Extracted records ->
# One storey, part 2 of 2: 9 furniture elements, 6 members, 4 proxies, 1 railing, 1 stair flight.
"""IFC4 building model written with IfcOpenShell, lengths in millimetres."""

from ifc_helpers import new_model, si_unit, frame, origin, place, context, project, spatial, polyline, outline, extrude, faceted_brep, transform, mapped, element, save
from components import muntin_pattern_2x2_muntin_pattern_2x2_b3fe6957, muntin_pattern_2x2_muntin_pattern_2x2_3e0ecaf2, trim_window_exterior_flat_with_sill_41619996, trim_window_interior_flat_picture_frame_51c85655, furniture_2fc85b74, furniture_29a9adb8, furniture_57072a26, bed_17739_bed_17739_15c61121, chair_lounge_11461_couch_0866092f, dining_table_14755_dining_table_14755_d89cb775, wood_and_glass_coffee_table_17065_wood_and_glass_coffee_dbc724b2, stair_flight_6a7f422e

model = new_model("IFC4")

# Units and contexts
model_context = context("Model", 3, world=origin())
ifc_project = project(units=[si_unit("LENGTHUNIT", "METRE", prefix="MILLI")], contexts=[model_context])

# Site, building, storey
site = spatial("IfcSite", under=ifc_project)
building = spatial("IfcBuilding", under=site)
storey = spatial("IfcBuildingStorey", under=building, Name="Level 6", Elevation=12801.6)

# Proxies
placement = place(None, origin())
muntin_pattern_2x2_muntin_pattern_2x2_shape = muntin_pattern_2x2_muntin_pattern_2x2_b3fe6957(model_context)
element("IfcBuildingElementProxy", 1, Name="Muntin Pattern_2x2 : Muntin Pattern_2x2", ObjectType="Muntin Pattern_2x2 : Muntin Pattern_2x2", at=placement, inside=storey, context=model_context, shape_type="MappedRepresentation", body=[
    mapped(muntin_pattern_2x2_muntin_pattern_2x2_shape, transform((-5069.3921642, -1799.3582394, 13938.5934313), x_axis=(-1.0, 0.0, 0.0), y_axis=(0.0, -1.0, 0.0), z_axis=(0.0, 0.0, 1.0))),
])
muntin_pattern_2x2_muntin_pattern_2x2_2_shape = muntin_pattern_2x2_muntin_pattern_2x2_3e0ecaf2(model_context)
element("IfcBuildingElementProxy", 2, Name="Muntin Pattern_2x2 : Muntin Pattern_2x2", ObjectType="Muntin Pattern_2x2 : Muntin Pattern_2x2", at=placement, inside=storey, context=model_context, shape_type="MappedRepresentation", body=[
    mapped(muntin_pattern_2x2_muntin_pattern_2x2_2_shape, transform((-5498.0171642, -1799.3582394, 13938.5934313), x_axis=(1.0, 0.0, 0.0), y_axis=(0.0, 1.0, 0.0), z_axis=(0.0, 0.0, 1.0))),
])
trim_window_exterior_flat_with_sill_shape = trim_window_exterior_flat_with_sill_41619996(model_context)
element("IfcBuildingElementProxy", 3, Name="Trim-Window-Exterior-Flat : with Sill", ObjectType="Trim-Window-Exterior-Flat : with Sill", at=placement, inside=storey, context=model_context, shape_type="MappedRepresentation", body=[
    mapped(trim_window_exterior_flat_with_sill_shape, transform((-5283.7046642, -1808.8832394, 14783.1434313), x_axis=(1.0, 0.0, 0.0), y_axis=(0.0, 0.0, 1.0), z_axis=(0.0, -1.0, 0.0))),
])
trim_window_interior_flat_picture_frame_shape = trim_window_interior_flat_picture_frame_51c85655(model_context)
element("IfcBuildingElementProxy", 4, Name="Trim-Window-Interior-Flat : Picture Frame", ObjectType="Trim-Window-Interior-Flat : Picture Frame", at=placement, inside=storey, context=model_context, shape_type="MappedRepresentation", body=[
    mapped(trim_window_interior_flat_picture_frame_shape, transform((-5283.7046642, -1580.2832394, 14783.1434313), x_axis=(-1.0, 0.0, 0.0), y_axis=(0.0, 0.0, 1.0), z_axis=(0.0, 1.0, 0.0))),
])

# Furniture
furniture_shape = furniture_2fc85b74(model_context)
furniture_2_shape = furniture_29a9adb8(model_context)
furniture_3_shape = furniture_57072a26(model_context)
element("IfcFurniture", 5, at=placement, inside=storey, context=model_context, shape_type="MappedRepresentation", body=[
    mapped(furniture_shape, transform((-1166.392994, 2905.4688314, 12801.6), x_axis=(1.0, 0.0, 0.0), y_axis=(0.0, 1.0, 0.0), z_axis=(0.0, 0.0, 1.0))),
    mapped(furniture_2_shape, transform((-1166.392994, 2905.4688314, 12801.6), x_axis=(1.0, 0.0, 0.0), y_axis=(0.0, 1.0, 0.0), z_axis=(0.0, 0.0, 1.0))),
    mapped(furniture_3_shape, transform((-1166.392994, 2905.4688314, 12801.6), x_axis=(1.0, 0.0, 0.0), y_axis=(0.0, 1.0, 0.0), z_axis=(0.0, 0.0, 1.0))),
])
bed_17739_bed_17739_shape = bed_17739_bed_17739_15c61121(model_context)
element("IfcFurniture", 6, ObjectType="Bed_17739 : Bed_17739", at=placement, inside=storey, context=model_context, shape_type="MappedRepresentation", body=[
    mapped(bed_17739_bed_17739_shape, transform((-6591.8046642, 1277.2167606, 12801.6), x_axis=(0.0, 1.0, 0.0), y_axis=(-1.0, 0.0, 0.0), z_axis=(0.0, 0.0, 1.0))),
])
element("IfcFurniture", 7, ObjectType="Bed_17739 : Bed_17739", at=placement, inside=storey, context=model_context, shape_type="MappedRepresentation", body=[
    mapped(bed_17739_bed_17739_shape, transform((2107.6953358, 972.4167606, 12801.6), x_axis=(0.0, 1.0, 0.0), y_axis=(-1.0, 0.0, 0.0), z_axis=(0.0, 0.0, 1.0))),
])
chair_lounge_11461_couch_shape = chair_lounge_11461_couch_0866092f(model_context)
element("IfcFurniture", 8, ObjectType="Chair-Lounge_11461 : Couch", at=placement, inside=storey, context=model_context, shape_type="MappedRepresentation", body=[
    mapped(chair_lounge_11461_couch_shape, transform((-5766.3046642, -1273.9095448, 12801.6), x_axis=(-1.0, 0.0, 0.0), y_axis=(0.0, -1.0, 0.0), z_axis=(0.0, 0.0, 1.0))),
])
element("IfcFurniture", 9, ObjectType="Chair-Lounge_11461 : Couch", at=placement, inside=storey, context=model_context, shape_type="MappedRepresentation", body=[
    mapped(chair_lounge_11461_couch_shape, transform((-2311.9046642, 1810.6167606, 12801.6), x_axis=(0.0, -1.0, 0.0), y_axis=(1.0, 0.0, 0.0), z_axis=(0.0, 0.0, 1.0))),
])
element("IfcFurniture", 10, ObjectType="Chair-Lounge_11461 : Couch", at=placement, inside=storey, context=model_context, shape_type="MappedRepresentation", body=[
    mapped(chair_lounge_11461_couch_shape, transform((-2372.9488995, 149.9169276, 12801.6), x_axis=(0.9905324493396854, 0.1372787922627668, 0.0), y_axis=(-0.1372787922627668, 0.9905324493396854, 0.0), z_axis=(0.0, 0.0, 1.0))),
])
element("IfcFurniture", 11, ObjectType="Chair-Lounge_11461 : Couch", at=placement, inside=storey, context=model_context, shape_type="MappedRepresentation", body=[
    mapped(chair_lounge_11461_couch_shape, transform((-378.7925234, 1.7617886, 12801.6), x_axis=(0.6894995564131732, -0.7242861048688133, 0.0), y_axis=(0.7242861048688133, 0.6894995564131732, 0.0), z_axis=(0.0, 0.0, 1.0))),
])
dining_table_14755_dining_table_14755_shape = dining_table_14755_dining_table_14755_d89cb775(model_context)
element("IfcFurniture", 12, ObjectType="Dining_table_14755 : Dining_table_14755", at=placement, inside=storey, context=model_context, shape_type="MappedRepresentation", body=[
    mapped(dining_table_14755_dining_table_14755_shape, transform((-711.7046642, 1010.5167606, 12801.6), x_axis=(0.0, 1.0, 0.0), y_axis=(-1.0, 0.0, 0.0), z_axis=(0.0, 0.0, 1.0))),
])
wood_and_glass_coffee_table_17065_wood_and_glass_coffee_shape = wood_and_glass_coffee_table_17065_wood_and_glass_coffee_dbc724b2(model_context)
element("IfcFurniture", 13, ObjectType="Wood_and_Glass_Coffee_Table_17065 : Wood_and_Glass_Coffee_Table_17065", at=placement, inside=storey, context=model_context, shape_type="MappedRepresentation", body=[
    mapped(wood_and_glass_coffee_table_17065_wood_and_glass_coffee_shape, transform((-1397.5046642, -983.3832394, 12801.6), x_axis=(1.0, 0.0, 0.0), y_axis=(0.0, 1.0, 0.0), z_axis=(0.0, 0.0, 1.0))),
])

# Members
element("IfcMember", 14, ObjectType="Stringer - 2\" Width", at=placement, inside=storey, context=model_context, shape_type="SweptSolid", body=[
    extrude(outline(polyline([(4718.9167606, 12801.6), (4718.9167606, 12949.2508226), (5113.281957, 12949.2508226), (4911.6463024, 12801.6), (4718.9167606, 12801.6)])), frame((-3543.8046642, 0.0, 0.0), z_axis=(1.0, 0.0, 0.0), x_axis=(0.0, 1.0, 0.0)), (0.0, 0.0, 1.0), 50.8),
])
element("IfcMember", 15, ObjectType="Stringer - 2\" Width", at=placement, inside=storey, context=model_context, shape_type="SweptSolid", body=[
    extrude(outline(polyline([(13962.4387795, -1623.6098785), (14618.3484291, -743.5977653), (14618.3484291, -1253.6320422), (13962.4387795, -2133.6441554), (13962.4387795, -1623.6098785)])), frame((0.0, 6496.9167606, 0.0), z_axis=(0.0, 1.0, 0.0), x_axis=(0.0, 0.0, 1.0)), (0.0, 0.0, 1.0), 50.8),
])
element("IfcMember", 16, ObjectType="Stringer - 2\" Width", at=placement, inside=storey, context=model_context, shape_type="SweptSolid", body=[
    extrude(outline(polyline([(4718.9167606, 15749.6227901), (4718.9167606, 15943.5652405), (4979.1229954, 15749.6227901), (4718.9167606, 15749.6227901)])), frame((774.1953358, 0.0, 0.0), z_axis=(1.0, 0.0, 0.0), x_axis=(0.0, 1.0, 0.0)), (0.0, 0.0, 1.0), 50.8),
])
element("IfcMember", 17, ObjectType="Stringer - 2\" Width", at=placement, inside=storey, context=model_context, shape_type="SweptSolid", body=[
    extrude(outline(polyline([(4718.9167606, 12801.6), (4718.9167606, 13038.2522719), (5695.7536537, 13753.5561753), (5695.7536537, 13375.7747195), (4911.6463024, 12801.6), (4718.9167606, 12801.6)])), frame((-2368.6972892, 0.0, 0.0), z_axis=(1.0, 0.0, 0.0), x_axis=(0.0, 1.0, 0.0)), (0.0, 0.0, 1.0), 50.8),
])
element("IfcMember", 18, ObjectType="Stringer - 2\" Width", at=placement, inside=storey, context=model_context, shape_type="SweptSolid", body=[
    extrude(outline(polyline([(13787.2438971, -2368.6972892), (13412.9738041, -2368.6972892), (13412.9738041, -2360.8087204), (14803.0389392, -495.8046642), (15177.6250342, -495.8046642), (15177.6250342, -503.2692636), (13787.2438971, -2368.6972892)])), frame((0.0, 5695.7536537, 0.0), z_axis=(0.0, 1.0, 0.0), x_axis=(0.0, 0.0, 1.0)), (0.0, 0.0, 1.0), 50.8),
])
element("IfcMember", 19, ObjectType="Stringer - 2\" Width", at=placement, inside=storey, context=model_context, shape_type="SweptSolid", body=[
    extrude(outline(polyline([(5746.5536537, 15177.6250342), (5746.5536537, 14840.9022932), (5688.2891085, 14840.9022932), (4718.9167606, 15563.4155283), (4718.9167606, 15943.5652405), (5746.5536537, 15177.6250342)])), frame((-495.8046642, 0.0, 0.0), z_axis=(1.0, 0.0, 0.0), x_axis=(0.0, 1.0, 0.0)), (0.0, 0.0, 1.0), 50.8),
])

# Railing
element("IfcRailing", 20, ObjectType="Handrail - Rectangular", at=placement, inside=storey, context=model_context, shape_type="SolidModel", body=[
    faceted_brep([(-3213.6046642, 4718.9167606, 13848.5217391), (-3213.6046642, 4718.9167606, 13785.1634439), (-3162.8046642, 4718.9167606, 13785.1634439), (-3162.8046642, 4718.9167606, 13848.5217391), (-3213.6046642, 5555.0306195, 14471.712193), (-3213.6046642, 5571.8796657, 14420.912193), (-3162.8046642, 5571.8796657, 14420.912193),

Work required -> From the data above, count the lines that hold the string "origin". Reply with only that number.

Response for this exercise -> 3